What to do: Return a copy of every line in the records that includes the word "DOOR".

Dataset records

----------

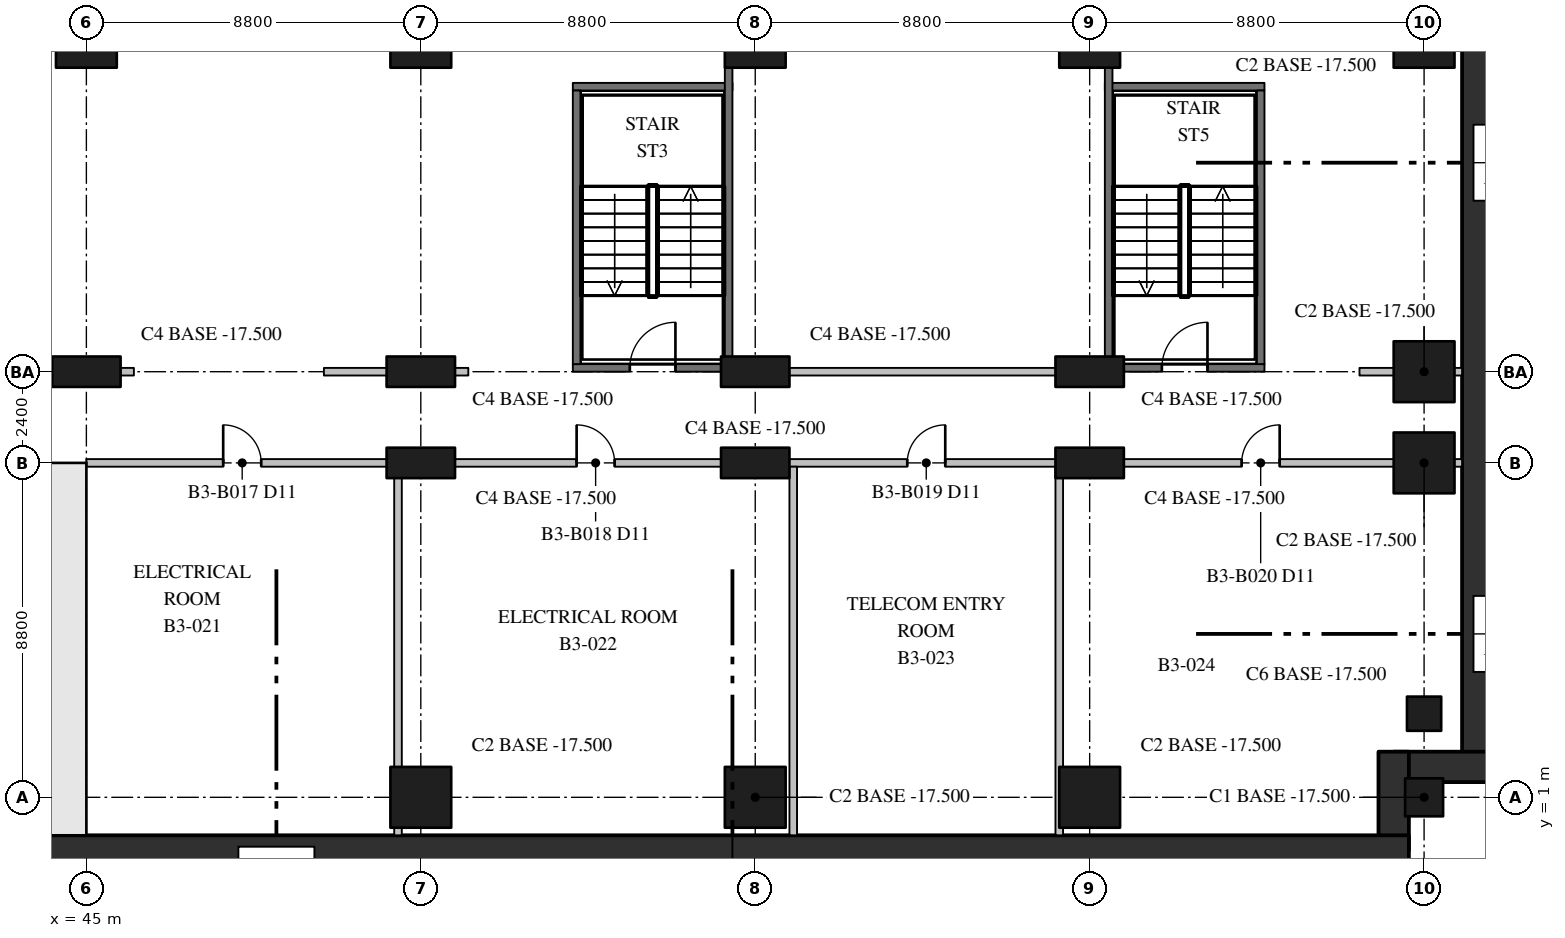
"""IFC4 building model, lengths in metres.
Left out: names, types, materials, properties, quantities, classifications, styles, units other than length and angle.
Written with IfcOpenShell. Run it as: python <this file> out.ifc"""

import sys

from ifc_helpers import new_model, si_unit, direction, frame, frame_2d, origin, origin_2d, place, context, subcontext, project, spatial, rectangle, extrude, element, fill, save


model = new_model("IFC4")
c1 = context("Model", 3, precision=1e-05, world=origin(), true_north=direction((0.0, 1.0)))
c2 = subcontext(c1, "Body", "Model", "MODEL_VIEW")
j1 = project(units=[si_unit("LENGTHUNIT", "METRE"), si_unit("PLANEANGLEUNIT", "RADIAN")], contexts=[c1])
p1 = place(None, origin())
s1 = spatial("IfcSite", under=j1, at=p1, CompositionType="ELEMENT")
p2 = place(p1, origin())
s2 = spatial("IfcBuilding", under=s1, at=p2, CompositionType="ELEMENT")
p3 = place(p2, frame((0.0, 0.0, -17.0)))
s3 = spatial("IfcBuildingStorey", under=s2, at=p3, CompositionType="ELEMENT", Elevation=-17.0)
p4 = place(p3, frame((45.0, 12.2, -0.5), z_axis=(0.0, 0.0, 1.0), x_axis=(1.0, 0.0, 0.0)))
e1 = element("IfcColumn", 1, at=p4, inside=s3, PredefinedType="COLUMN", context=c2, shape_type="SweptSolid", body=[
    extrude(rectangle(XDim=1.8, YDim=0.8, at=origin_2d()), origin(), (0.0, 0.0, 1.0), 5.5),
])
for number, where, z_axis, x_axis in (
    (2, (45.0, 21.0, -0.5), (0.0, 0.0, 1.0), (1.0, 0.0, 0.0)),
    (3, (53.8, 1.0, -0.5), (0.0, 0.0, 1.0), (1.0, 0.0, 0.0)),
):
    element("IfcColumn", number, at=place(p3, frame(where, z_axis=z_axis, x_axis=x_axis)), inside=s3, PredefinedType="COLUMN", context=c2, shape_type="SweptSolid", body=[
        extrude(rectangle(XDim=1.6, YDim=1.6, at=origin_2d()), origin(), (0.0, 0.0, 1.0), 5.5),
    ])
for number, where, z_axis, x_axis in (
    (4, (53.8, 9.8, -0.5), (0.0, 0.0, 1.0), (1.0, 0.0, 0.0)),
    (5, (53.8, 12.2, -0.5), (0.0, 0.0, 1.0), (1.0, 0.0, 0.0)),
):
    element("IfcColumn", number, at=place(p3, frame(where, z_axis=z_axis, x_axis=x_axis)), inside=s3, PredefinedType="COLUMN", context=c2, shape_type="SweptSolid", body=[
        extrude(rectangle(XDim=1.8, YDim=0.8, at=origin_2d()), origin(), (0.0, 0.0, 1.0), 5.5),
    ])
for number, where, z_axis, x_axis in (
    (6, (53.8, 21.0, -0.5), (0.0, 0.0, 1.0), (1.0, 0.0, 0.0)),
    (7, (62.6, 1.0, -0.5), (0.0, 0.0, 1.0), (1.0, 0.0, 0.0)),
):
    element("IfcColumn", number, at=place(p3, frame(where, z_axis=z_axis, x_axis=x_axis)), inside=s3, PredefinedType="COLUMN", context=c2, shape_type="SweptSolid", body=[
        extrude(rectangle(XDim=1.6, YDim=1.6, at=origin_2d()), origin(), (0.0, 0.0, 1.0), 5.5),
    ])
for number, where, z_axis, x_axis in (
    (8, (62.6, 9.8, -0.5), (0.0, 0.0, 1.0), (1.0, 0.0, 0.0)),
    (9, (62.6, 12.2, -0.5), (0.0, 0.0, 1.0), (1.0, 0.0, 0.0)),
):
    element("IfcColumn", number, at=place(p3, frame(where, z_axis=z_axis, x_axis=x_axis)), inside=s3, PredefinedType="COLUMN", context=c2, shape_type="SweptSolid", body=[
        extrude(rectangle(XDim=1.8, YDim=0.8, at=origin_2d()), origin(), (0.0, 0.0, 1.0), 5.5),
    ])
for number, where, z_axis, x_axis in (
    (10, (62.6, 21.0, -0.5), (0.0, 0.0, 1.0), (1.0, 0.0, 0.0)),
    (11, (71.4, 1.0, -0.5), (0.0, 0.0, 1.0), (1.0, 0.0, 0.0)),
):
    element("IfcColumn", number, at=place(p3, frame(where, z_axis=z_axis, x_axis=x_axis)), inside=s3, PredefinedType="COLUMN", context=c2, shape_type="SweptSolid", body=[
        extrude(rectangle(XDim=1.6, YDim=1.6, at=origin_2d()), origin(), (0.0, 0.0, 1.0), 5.5),
    ])
for number, where, z_axis, x_axis in (
    (12, (71.4, 9.8, -0.5), (0.0, 0.0, 1.0), (1.0, 0.0, 0.0)),
    (13, (71.4, 12.2, -0.5), (0.0, 0.0, 1.0), (1.0, 0.0, 0.0)),
):
    element("IfcColumn", number, at=place(p3, frame(where, z_axis=z_axis, x_axis=x_axis)), inside=s3, PredefinedType="COLUMN", context=c2, shape_type="SweptSolid", body=[
        extrude(rectangle(XDim=1.8, YDim=0.8, at=origin_2d()), origin(), (0.0, 0.0, 1.0), 5.5),
    ])
p5 = place(p3, frame((71.4, 21.0, -0.5), z_axis=(0.0, 0.0, 1.0), x_axis=(1.0, 0.0, 0.0)))
e14 = element("IfcColumn", 14, at=p5, inside=s3, PredefinedType="COLUMN", context=c2, shape_type="SweptSolid", body=[
    extrude(rectangle(XDim=1.6, YDim=1.6, at=origin_2d()), origin(), (0.0, 0.0, 1.0), 5.5),
])
p6 = place(p3, frame((80.2, 1.0, -0.5), z_axis=(0.0, 0.0, 1.0), x_axis=(1.0, 0.0, 0.0)))
e15 = element("IfcColumn", 15, at=p6, inside=s3, PredefinedType="COLUMN", context=c2, shape_type="SweptSolid", body=[
    extrude(rectangle(XDim=1.0, YDim=1.0, at=origin_2d()), origin(), (0.0, 0.0, 1.0), 5.5),
])
for number, where, z_axis, x_axis in (
    (16, (80.2, 9.8, -0.5), (0.0, 0.0, 1.0), (1.0, 0.0, 0.0)),
    (17, (80.2, 12.2, -0.5), (0.0, 0.0, 1.0), (1.0, 0.0, 0.0)),
    (18, (80.2, 21.0, -0.5), (0.0, 0.0, 1.0), (1.0, 0.0, 0.0)),
):
    element("IfcColumn", number, at=place(p3, frame(where, z_axis=z_axis, x_axis=x_axis)), inside=s3, PredefinedType="COLUMN", context=c2, shape_type="SweptSolid", body=[
        extrude(rectangle(XDim=1.6, YDim=1.6, at=origin_2d()), origin(), (0.0, 0.0, 1.0), 5.5),
    ])
p7 = place(p3, frame((80.2, 3.2, -0.5), z_axis=(0.0, 0.0, 1.0), x_axis=(1.0, 0.0, 0.0)))
e19 = element("IfcColumn", 19, at=p7, inside=s3, PredefinedType="COLUMN", context=c2, shape_type="SweptSolid", body=[
    extrude(rectangle(XDim=0.9, YDim=0.9, at=origin_2d()), origin(), (0.0, 0.0, 1.0), 5.5),
])
p8 = place(p3, frame((9.8, 0.6, -0.5), z_axis=(0.0, 0.0, 1.0), x_axis=(1.0, 0.0, 0.0)))
e20 = element("IfcWall", 20, at=p8, inside=s3, PredefinedType="SHEAR", context=c2, shape_type="SweptSolid", body=[
    extrude(rectangle(XDim=35.2, YDim=1.2, at=frame_2d((17.6, 0.0))), origin(), (0.0, 0.0, 1.0), 5.5),
])
p9 = place(p3, frame((44.4, 1.2, -0.5), z_axis=(0.0, 0.0, 1.0), x_axis=(0.0, 1.0, 0.0)))
e21 = element("IfcWall", 21, at=p9, inside=s3, PredefinedType="SHEAR", context=c2, shape_type="SweptSolid", body=[
    extrude(rectangle(XDim=8.6, YDim=1.2, at=frame_2d((4.3, 0.0))), origin(), (0.0, 0.0, 1.0), 5.5),
])
p10 = place(p3, frame((40.7, 9.6, -0.5), z_axis=(0.0, 0.0, 1.0), x_axis=(1.0, 0.0, 0.0)))
e22 = element("IfcWall", 22, at=p10, inside=s3, PredefinedType="SHEAR", context=c2, shape_type="SweptSolid", body=[
    extrude(rectangle(XDim=4.3, YDim=0.4, at=frame_2d((2.15, 0.0))), origin(), (0.0, 0.0, 1.0), 5.5),
])
p11 = place(p10, frame((1.05, 0.0, 0.5)))
e23 = element("IfcOpeningElement", 23, at=p11, cuts=e22, PredefinedType="OPENING", context=c2, shape_type="SweptSolid", body=[
    extrude(rectangle(XDim=1.2, YDim=2.1, at=frame_2d((0.6, 1.05))), frame((0.0, 0.21, 0.0), z_axis=(0.0, -1.0, 0.0), x_axis=(1.0, 0.0, 0.0)), (0.0, 0.0, 1.0), 0.42),
])
p12 = place(p3, frame((81.6, 79.8, -0.5), z_axis=(0.0, 0.0, 1.0), x_axis=(0.0, -1.0, 0.0)))
e24 = element("IfcWall", 24, at=p12, inside=s3, PredefinedType="SHEAR", context=c2, shape_type="SweptSolid", body=[
    extrude(rectangle(XDim=78.0, YDim=0.8, at=frame_2d((39.0, 0.0))), origin(), (0.0, 0.0, 1.0), 5.5),
])
p13 = place(p3, frame((82.0, 1.8, -0.5), z_axis=(0.0, 0.0, 1.0), x_axis=(-1.0, 0.0, 0.0)))
e25 = element("IfcWall", 25, at=p13, inside=s3, PredefinedType="SHEAR", context=c2, shape_type="SweptSolid", body=[
    extrude(rectangle(XDim=2.6, YDim=0.8, at=frame_2d((1.3, 0.0))), origin(), (0.0, 0.0, 1.0), 5.5),
])
p14 = place(p3, frame((79.4, 2.2, -0.5), z_axis=(0.0, 0.0, 1.0), x_axis=(0.0, -1.0, 0.0)))
e26 = element("IfcWall", 26, at=p14, inside=s3, PredefinedType="SHEAR", context=c2, shape_type="SweptSolid", body=[
    extrude(rectangle(XDim=2.6, YDim=0.8, at=frame_2d((1.3, 0.0))), origin(), (0.0, 0.0, 1.0), 5.5),
])
p15 = place(p3, frame((79.8, -0.4, -0.5), z_axis=(0.0, 0.0, 1.0), x_axis=(-1.0, 0.0, 0.0)))
e27 = element("IfcWall", 27, at=p15, inside=s3, PredefinedType="SHEAR", context=c2, shape_type="SweptSolid", body=[
    extrude(rectangle(XDim=78.0, YDim=0.8, at=frame_2d((39.0, 0.0))), origin(), (0.0, 0.0, 1.0), 5.5),
])
p16 = place(p3, frame((57.8, 12.3, 0.0), z_axis=(0.0, 0.0, 1.0), x_axis=(1.0, 0.0, 0.0)))
e28 = element("IfcWall", 28, at=p16, inside=s3, PredefinedType="SHEAR", context=c2, shape_type="SweptSolid", body=[
    extrude(rectangle(XDim=4.2, YDim=0.2, at=frame_2d((2.1, 0.0))), origin(), (0.0, 0.0, 1.0), 4.6),
])
p17 = place(p16, frame((1.5, 0.0, 0.0)))
e29 = element("IfcOpeningElement", 29, at=p17, cuts=e28, PredefinedType="OPENING", context=c2, shape_type="SweptSolid", body=[
    extrude(rectangle(XDim=1.2, YDim=2.1, at=frame_2d((0.6, 1.05))), frame((0.0, 0.11, 0.0), z_axis=(0.0, -1.0, 0.0), x_axis=(1.0, 0.0, 0.0)), (0.0, 0.0, 1.0), 0.22),
])
p18 = place(p3, frame((57.8, 19.7, 0.0), z_axis=(0.0, 0.0, 1.0), x_axis=(1.0, 0.0, 0.0)))
e30 = element("IfcWall", 30, at=p18, inside=s3, PredefinedType="SHEAR", context=c2, shape_type="SweptSolid", body=[
    extrude(rectangle(XDim=4.2, YDim=0.2, at=frame_2d((2.1, 0.0))), origin(), (0.0, 0.0, 1.0), 4.6),
])
p19 = place(p3, frame((57.9, 12.4, 0.0), z_axis=(0.0, 0.0, 1.0), x_axis=(0.0, 1.0, 0.0)))
e31 = element("IfcWall", 31, at=p19, inside=s3, PredefinedType="SHEAR", context=c2, shape_type="SweptSolid", body=[
    extrude(rectangle(XDim=7.2, YDim=0.2, at=frame_2d((3.6, 0.0))), origin(), (0.0, 0.0, 1.0), 4.6),
])
p20 = place(p3, frame((61.9, 12.4, 0.0), z_axis=(0.0, 0.0, 1.0), x_axis=(0.0, 1.0, 0.0)))
e32 = element("IfcWall", 32, at=p20, inside=s3, PredefinedType="SHEAR", context=c2, shape_type="SweptSolid", body=[
    extrude(rectangle(XDim=7.8, YDim=0.2, at=frame_2d((3.9, 0.0))), origin(), (0.0, 0.0, 1.0), 4.6),
])
p21 = place(p3, frame((71.8, 12.3, 0.0), z_axis=(0.0, 0.0, 1.0), x_axis=(1.0, 0.0, 0.0)))
e33 = element("IfcWall", 33, at=p21, inside=s3, PredefinedType="SHEAR", context=c2, shape_type="SweptSolid", body=[
    extrude(rectangle(XDim=4.2, YDim=0.2, at=frame_2d((2.1, 0.0))), origin(), (0.0, 0.0, 1.0), 4.6),
])
p22 = place(p21, frame((1.5, 0.0, 0.0)))
e34 = element("IfcOpeningElement", 34, at=p22, cuts=e33, PredefinedType="OPENING", context=c2, shape_type="SweptSolid", body=[
    extrude(rectangle(XDim=1.2, YDim=2.1, at=frame_2d((0.6, 1.05))), frame((0.0, 0.11, 0.0), z_axis=(0.0, -1.0, 0.0), x_axis=(1.0, 0.0, 0.0)), (0.0, 0.0, 1.0), 0.22),
])
p23 = place(p3, frame((71.8, 19.7, 0.0), z_axis=(0.0, 0.0, 1.0), x_axis=(1.0, 0.0, 0.0)))
e35 = element("IfcWall", 35, at=p23, inside=s3, PredefinedType="SHEAR", context=c2, shape_type="SweptSolid", body=[
    extrude(rectangle(XDim=4.2, YDim=0.2, at=frame_2d((2.1, 0.0))), origin(), (0.0, 0.0, 1.0), 4.6),
])
p24 = place(p3, frame((71.9, 12.4, 0.0), z_axis=(0.0, 0.0, 1.0), x_axis=(0.0, 1.0, 0.0)))
e36 = element("IfcWall", 36, at=p24, inside=s3, PredefinedType="SHEAR", context=c2, shape_type="SweptSolid", body=[
    extrude(rectangle(XDim=7.8, YDim=0.2, at=frame_2d((3.9, 0.0))), origin(), (0.0, 0.0, 1.0), 4.6),
])
p25 = place(p3, frame((75.9, 12.4, 0.0), z_axis=(0.0, 0.0, 1.0), x_axis=(0.0, 1.0, 0.0)))
e37 = element("IfcWall", 37, at=p25, inside=s3, PredefinedType="SHEAR", context=c2, shape_type="SweptSolid", body=[
    extrude(rectangle(XDim=7.2, YDim=0.2, at=frame_2d((3.6, 0.0))), origin(), (0.0, 0.0, 1.0), 4.6),
])
p26 = place(p3, frame((25.7, 12.2, 0.0), z_axis=(0.0, 0.0, 1.0), x_axis=(1.0, 0.0, 0.0)))
e38 = element("IfcWall", 38, at=p26, inside=s3, PredefinedType="PARTITIONING", context=c2, shape_type="SweptSolid", body=[
    extrude(rectangle(XDim=20.55, YDim=0.2, at=frame_2d((10.275, 0.0))), origin(), (0.0, 0.0, 1.0), 4.6),
])
p27 = place(p26, frame((4.312, 0.0, 0.0)))
e39 = element("IfcOpeningElement", 39, at=p27, cuts=e38, PredefinedType="OPENING", context=c2, shape_type="SweptSolid", body=[
    extrude(rectangle(XDim=1.8, YDim=2.1, at=frame_2d((0.9, 1.05))), frame((0.0, 0.11, 0.0), z_axis=(0.0, -1.0, 0.0), x_axis=(1.0, 0.0, 0.0)), (0.0, 0.0, 1.0), 0.22),
])
p28 = place(p26, frame((15.56, 0.0, 0.0)))
e40 = element("IfcOpeningElement", 40, at=p28, cuts=e38, PredefinedType="OPENING", context=c2, shape_type="SweptSolid", body=[
    extrude(rectangle(XDim=1.8, YDim=2.1, at=frame_2d((0.9, 1.05))), frame((0.0, 0.11, 0.0), z_axis=(0.0, -1.0, 0.0), x_axis=(1.0, 0.0, 0.0)), (0.0, 0.0, 1.0), 0.22),
])
p29 = place(p3, frame((51.25, 12.2, 0.0), z_axis=(0.0, 0.0, 1.0), x_axis=(1.0, 0.0, 0.0)))
e41 = element("IfcWall", 41, at=p29, inside=s3, PredefinedType="PARTITIONING", context=c2, shape_type="SweptSolid", body=[
    extrude(rectangle(XDim=3.8, YDim=0.2, at=frame_2d((1.9, 0.0))), origin(), (0.0, 0.0, 1.0), 4.6),
])
p30 = place(p3, frame((62.0, 12.2, 0.0), z_axis=(0.0, 0.0, 1.0), x_axis=(1.0, 0.0, 0.0)))
e42 = element("IfcWall", 42, at=p30, inside=s3, PredefinedType="PARTITIONING", context=c2, shape_type="SweptSolid", body=[
    extrude(rectangle(XDim=9.8, YDim=0.2, at=frame_2d((4.9, 0.0))), origin(), (0.0, 0.0, 1.0), 4.6),
])
p31 = place(p3, frame((78.5, 12.2, 0.0), z_axis=(0.0, 0.0, 1.0), x_axis=(1.0, 0.0, 0.0)))
e43 = element("IfcWall", 43, at=p31, inside=s3, PredefinedType="PARTITIONING", context=c2, shape_type="SweptSolid", body=[
    extrude(rectangle(XDim=2.7, YDim=0.2, at=frame_2d((1.35, 0.0))), origin(), (0.0, 0.0, 1.0), 4.6),
])
p32 = place(p3, frame((45.0, 9.8, 0.0), z_axis=(0.0, 0.0, 1.0), x_axis=(1.0, 0.0, 0.0)))
e44 = element("IfcWall", 44, at=p32, inside=s3, PredefinedType="PARTITIONING", context=c2, shape_type="SweptSolid", body=[
    extrude(rectangle(XDim=36.2, YDim=0.2, at=frame_2d((18.1, 0.0))), origin(), (0.0, 0.0, 1.0), 4.6),
])
p33 = place(p32, frame((3.6, 0.0, 0.0)))
e45 = element("IfcOpeningElement", 45, at=p33, cuts=e44, PredefinedType="OPENING", context=c2, shape_type="SweptSolid", body=[
    extrude(rectangle(XDim=1.0, YDim=2.1, at=frame_2d((0.5, 1.05))), frame((0.0, 0.11, 0.0), z_axis=(0.0, -1.0, 0.0), x_axis=(1.0, 0.0, 0.0)), (0.0, 0.0, 1.0), 0.22),
])
p34 = place(p32, frame((12.9, 0.0, 0.0)))
e46 = element("IfcOpeningElement", 46, at=p34, cuts=e44, PredefinedType="OPENING", context=c2, shape_type="SweptSolid", body=[
    extrude(rectangle(XDim=1.0, YDim=2.1, at=frame_2d((0.5, 1.05))), frame((0.0, 0.11, 0.0), z_axis=(0.0, -1.0, 0.0), x_axis=(1.0, 0.0, 0.0)), (0.0, 0.0, 1.0), 0.22),
])
p35 = place(p32, frame((21.6, 0.0, 0.0)))
e47 = element("IfcOpeningElement", 47, at=p35, cuts=e44, PredefinedType="OPENING", context=c2, shape_type="SweptSolid", body=[
    extrude(rectangle(XDim=1.0, YDim=2.1, at=frame_2d((0.5, 1.05))), frame((0.0, 0.11, 0.0), z_axis=(0.0, -1.0, 0.0), x_axis=(1.0, 0.0, 0.0)), (0.0, 0.0, 1.0), 0.22),
])
p36 = place(p32, frame((30.4, 0.0, 0.0)))
e48 = element("IfcOpeningElement", 48, at=p36, cuts=e44, PredefinedType="OPENING", context=c2, shape_type="SweptSolid", body=[
    extrude(rectangle(XDim=1.0, YDim=2.1, at=frame_2d((0.5, 1.05))), frame((0.0, 0.11, 0.0), z_axis=(0.0, -1.0, 0.0), x_axis=(1.0, 0.0, 0.0)), (0.0, 0.0, 1.0), 0.22),
])
for number, where, z_axis, x_axis in (
    (49, (53.2, 0.0, 0.0), (0.0, 0.0, 1.0), (0.0, 1.0, 0.0)),
    (50, (63.6, 0.0, 0.0), (0.0, 0.0, 1.0), (0.0, 1.0, 0.0)),
    (51, (70.6, 0.0, 0.0), (0.0, 0.0, 1.0), (0.0, 1.0, 0.0)),
):
    element("IfcWall", number, at=place(p3, frame(where, z_axis=z_axis, x_axis=x_axis)), inside=s3, PredefinedType="PARTITIONING", context=c2, shape_type="SweptSolid", body=[
        extrude(rectangle(XDim=9.7, YDim=0.2, at=frame_2d((4.85, 0.0))), origin(), (0.0, 0.0, 1.0), 4.6),
    ])
p37 = place(p17, origin())
e52 = element("IfcDoor", 52, at=p37, inside=s3, OperationType="SINGLE_SWING_RIGHT", PredefinedType="DOOR", context=c2, shape_type="SweptSolid", body=[
    extrude(rectangle(XDim=1.2, YDim=2.1, at=frame_2d((0.6, 1.05))), frame((0.0, 0.025, 0.0), z_axis=(0.0, -1.0, 0.0), x_axis=(1.0, 0.0, 0.0)), (0.0, 0.0, 1.0), 0.05),
])
fill(e29, e52)
p38 = place(p22, origin())
e53 = element("IfcDoor", 53, at=p38, inside=s3, OperationType="SINGLE_SWING_RIGHT", PredefinedType="DOOR", context=c2, shape_type="SweptSolid", body=[
    extrude(rectangle(XDim=1.2, YDim=2.1, at=frame_2d((0.6, 1.05))), frame((0.0, 0.025, 0.0), z_axis=(0.0, -1.0, 0.0), x_axis=(1.0, 0.0, 0.0)), (0.0, 0.0, 1.0), 0.05),
])
fill(e34, e53)
p39 = place(p33, origin())
e54 = element("IfcDoor", 54, at=p39, inside=s3, OperationType="SINGLE_SWING_LEFT", PredefinedType="DOOR", context=c2, shape_type="SweptSolid", body=[
    extrude(rectangle(XDim=1.0, YDim=2.1, at=frame_2d((0.5, 1.05))), frame((0.0, 0.025, 0.0), z_axis=(0.0, -1.0, 0.0), x_axis=(1.0, 0.0, 0.0)), (0.0, 0.0, 1.0), 0.05),
])
fill(e45, e54)
p40 = place(p34, origin())
e55 = element("IfcDoor", 55, at=p40, inside=s3, OperationType="SINGLE_SWING_LEFT", PredefinedType="DOOR", context=c2, shape_type="SweptSolid", body=[
    extrude(rectangle(XDim=1.0, YDim=2.1, at=frame_2d((0.5, 1.05))), frame((0.0, 0.025, 0.0), z_axis=(0.0, -1.0, 0.0), x_axis=(1.0, 0.0, 0.0)), (0.0, 0.0, 1.0), 0.05),
])
fill(e46, e55)
p41 = place(p35, origin())
e56 = element("IfcDoor", 56, at=p41, inside=s3, OperationType="SINGLE_SWING_RIGHT", PredefinedType="DOOR", context=c2, shape_type="SweptSolid", body=[
    extrude(rectangle(XDim=1.0, YDim=2.1, at=frame_2d((0.5, 1.05))), frame((0.0, 0.025, 0.0), z_axis=(0.0, -1.0, 0.0), x_axis=(1.0, 0.0, 0.0)), (0.0, 0.0, 1.0), 0.05),
])
fill(e47, e56)
p42 = place(p36, origin())
e57 = element("IfcDoor", 57, at=p42, inside=s3, OperationType="SINGLE_SWING_RIGHT", PredefinedType="DOOR", context=c2, shape_type="SweptSolid", body=[
    extrude(rectangle(XDim=1.0, YDim=2.1, at=frame_2d((0.5, 1.05))), frame((0.0, 0.025, 0.0), z_axis=(0.0, -1.0, 0.0), x_axis=(1.0, 0.0, 0.0)), (0.0, 0.0, 1.0), 0.05),
])
fill(e48, e57)
save(model, sys.argv[1])

----------

Reply to the task:
e52 = element("IfcDoor", 52, at=p37, inside=s3, OperationType="SINGLE_SWING_RIGHT", PredefinedType="DOOR", context=c2, shape_type="SweptSolid", body=[
e53 = element("IfcDoor", 53, at=p38, inside=s3, OperationType="SINGLE_SWING_RIGHT", PredefinedType="DOOR", context=c2, shape_type="SweptSolid", body=[
e54 = element("IfcDoor", 54, at=p39, inside=s3, OperationType="SINGLE_SWING_LEFT", PredefinedType="DOOR", context=c2, shape_type="SweptSolid", body=[
e55 = element("IfcDoor", 55, at=p40, inside=s3, OperationType="SINGLE_SWING_LEFT", PredefinedType="DOOR", context=c2, shape_type="SweptSolid", body=[
e56 = element("IfcDoor", 56, at=p41, inside=s3, OperationType="SINGLE_SWING_RIGHT", PredefinedType="DOOR", context=c2, shape_type="SweptSolid", body=[
e57 = element("IfcDoor", 57, at=p42, inside=s3, OperationType="SINGLE_SWING_RIGHT", PredefinedType="DOOR", context=c2, shape_type="SweptSolid", body=[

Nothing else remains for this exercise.